Starting with the first line below, extract each line through the one that contains "p1 = place(None, origin())", inclusive, excluding pictures.

##### RECORDS TO PROCESS #####

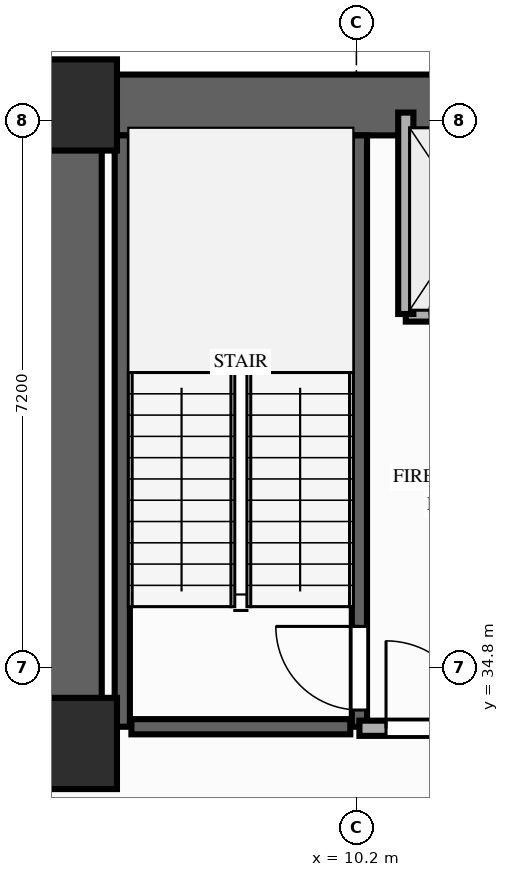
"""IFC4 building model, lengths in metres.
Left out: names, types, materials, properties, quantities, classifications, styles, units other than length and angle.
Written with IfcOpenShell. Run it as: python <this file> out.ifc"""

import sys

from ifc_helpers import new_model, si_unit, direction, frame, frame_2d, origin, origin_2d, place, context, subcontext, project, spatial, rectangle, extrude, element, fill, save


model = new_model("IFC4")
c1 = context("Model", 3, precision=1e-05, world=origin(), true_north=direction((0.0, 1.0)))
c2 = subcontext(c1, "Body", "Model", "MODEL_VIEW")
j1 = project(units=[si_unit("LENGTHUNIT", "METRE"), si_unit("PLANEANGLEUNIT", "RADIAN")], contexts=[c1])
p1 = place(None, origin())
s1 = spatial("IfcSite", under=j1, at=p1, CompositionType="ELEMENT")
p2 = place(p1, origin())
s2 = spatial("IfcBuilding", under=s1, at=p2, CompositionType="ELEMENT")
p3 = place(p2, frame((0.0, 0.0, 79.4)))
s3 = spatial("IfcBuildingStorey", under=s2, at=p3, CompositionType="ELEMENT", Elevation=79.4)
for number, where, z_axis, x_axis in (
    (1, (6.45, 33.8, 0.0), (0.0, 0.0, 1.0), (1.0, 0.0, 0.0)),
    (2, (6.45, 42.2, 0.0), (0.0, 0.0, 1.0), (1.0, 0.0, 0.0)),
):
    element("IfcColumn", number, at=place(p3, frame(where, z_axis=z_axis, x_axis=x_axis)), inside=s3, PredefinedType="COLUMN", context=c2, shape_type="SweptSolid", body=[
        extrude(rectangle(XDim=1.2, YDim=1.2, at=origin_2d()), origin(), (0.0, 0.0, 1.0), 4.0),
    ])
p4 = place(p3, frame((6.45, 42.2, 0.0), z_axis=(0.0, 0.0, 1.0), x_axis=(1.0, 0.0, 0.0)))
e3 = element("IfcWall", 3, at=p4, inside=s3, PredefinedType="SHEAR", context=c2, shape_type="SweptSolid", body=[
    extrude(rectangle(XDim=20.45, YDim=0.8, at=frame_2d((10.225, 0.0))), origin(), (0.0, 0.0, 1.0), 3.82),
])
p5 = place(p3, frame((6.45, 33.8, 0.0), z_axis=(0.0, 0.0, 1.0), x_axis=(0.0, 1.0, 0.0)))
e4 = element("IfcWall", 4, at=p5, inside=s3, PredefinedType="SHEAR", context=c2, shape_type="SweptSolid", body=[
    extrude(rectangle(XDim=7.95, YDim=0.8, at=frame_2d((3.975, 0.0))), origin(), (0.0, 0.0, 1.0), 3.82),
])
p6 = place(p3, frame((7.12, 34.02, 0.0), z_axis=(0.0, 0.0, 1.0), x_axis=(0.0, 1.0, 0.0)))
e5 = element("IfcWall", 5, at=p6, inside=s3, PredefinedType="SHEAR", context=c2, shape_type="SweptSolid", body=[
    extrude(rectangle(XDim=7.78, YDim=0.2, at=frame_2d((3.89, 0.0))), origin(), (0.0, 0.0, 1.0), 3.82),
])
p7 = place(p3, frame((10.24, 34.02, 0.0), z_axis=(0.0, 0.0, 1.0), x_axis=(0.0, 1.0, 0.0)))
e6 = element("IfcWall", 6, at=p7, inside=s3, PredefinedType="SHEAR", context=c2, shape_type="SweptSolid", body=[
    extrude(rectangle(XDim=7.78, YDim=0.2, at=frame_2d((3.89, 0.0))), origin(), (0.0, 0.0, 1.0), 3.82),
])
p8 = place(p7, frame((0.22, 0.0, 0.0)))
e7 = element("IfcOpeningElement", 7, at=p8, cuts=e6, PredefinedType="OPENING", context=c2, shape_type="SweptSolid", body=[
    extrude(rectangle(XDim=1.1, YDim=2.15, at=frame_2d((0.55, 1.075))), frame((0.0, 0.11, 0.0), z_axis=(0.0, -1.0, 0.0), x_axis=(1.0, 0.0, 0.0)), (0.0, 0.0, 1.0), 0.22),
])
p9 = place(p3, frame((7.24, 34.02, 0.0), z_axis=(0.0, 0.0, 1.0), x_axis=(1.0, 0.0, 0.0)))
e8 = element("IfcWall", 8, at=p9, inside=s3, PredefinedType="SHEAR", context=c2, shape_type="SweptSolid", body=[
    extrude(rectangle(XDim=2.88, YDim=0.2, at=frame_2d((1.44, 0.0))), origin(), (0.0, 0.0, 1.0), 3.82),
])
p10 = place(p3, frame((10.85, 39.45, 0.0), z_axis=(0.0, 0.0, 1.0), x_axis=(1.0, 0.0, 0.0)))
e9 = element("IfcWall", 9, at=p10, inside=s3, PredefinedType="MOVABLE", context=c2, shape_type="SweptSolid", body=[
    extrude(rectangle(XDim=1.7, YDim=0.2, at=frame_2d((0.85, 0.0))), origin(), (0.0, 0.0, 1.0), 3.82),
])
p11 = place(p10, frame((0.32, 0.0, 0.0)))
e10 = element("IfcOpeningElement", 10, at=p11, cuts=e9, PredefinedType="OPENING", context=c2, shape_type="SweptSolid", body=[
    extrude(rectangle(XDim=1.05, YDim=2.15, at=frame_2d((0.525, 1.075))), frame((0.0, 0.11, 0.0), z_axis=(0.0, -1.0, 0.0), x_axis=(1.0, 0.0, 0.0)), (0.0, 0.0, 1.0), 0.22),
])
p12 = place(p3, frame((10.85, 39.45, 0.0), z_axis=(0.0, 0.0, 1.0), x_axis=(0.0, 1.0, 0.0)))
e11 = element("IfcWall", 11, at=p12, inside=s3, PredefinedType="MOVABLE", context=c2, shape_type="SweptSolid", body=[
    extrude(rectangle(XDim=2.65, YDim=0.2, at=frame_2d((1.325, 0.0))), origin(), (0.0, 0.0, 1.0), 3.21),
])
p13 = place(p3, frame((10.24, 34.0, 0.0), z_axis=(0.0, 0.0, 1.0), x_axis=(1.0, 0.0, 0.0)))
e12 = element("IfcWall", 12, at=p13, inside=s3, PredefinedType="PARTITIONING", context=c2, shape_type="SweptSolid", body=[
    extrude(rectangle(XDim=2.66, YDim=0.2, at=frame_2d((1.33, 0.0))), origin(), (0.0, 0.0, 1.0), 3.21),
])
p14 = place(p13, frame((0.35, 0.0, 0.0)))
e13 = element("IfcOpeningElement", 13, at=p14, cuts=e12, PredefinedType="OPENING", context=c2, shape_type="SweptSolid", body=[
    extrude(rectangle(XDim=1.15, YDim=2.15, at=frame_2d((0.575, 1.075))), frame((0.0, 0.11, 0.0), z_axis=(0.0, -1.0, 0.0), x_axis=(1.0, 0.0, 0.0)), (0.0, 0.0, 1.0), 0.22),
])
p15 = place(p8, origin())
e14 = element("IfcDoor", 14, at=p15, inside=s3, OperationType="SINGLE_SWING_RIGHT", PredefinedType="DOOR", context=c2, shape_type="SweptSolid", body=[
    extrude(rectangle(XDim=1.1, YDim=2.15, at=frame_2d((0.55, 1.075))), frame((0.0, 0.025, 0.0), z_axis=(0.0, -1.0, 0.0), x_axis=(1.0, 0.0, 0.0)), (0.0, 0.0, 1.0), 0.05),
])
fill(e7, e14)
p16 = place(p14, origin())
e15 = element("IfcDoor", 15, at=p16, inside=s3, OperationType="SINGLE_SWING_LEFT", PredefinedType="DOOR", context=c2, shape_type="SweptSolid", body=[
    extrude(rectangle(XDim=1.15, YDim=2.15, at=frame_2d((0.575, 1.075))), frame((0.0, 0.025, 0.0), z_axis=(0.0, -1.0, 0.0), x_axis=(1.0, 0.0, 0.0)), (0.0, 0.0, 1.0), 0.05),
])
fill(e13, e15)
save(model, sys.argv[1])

#####

- _EXPECTED OUTPUT_
"""IFC4 building model, lengths in metres.
Left out: names, types, materials, properties, quantities, classifications, styles, units other than length and angle.
Written with IfcOpenShell. Run it as: python <this file> out.ifc"""

import sys

from ifc_helpers import new_model, si_unit, direction, frame, frame_2d, origin, origin_2d, place, context, subcontext, project, spatial, rectangle, extrude, element, fill, save


model = new_model("IFC4")
c1 = context("Model", 3, precision=1e-05, world=origin(), true_north=direction((0.0, 1.0)))
c2 = subcontext(c1, "Body", "Model", "MODEL_VIEW")
j1 = project(units=[si_unit("LENGTHUNIT", "METRE"), si_unit("PLANEANGLEUNIT", "RADIAN")], contexts=[c1])
p1 = place(None, origin())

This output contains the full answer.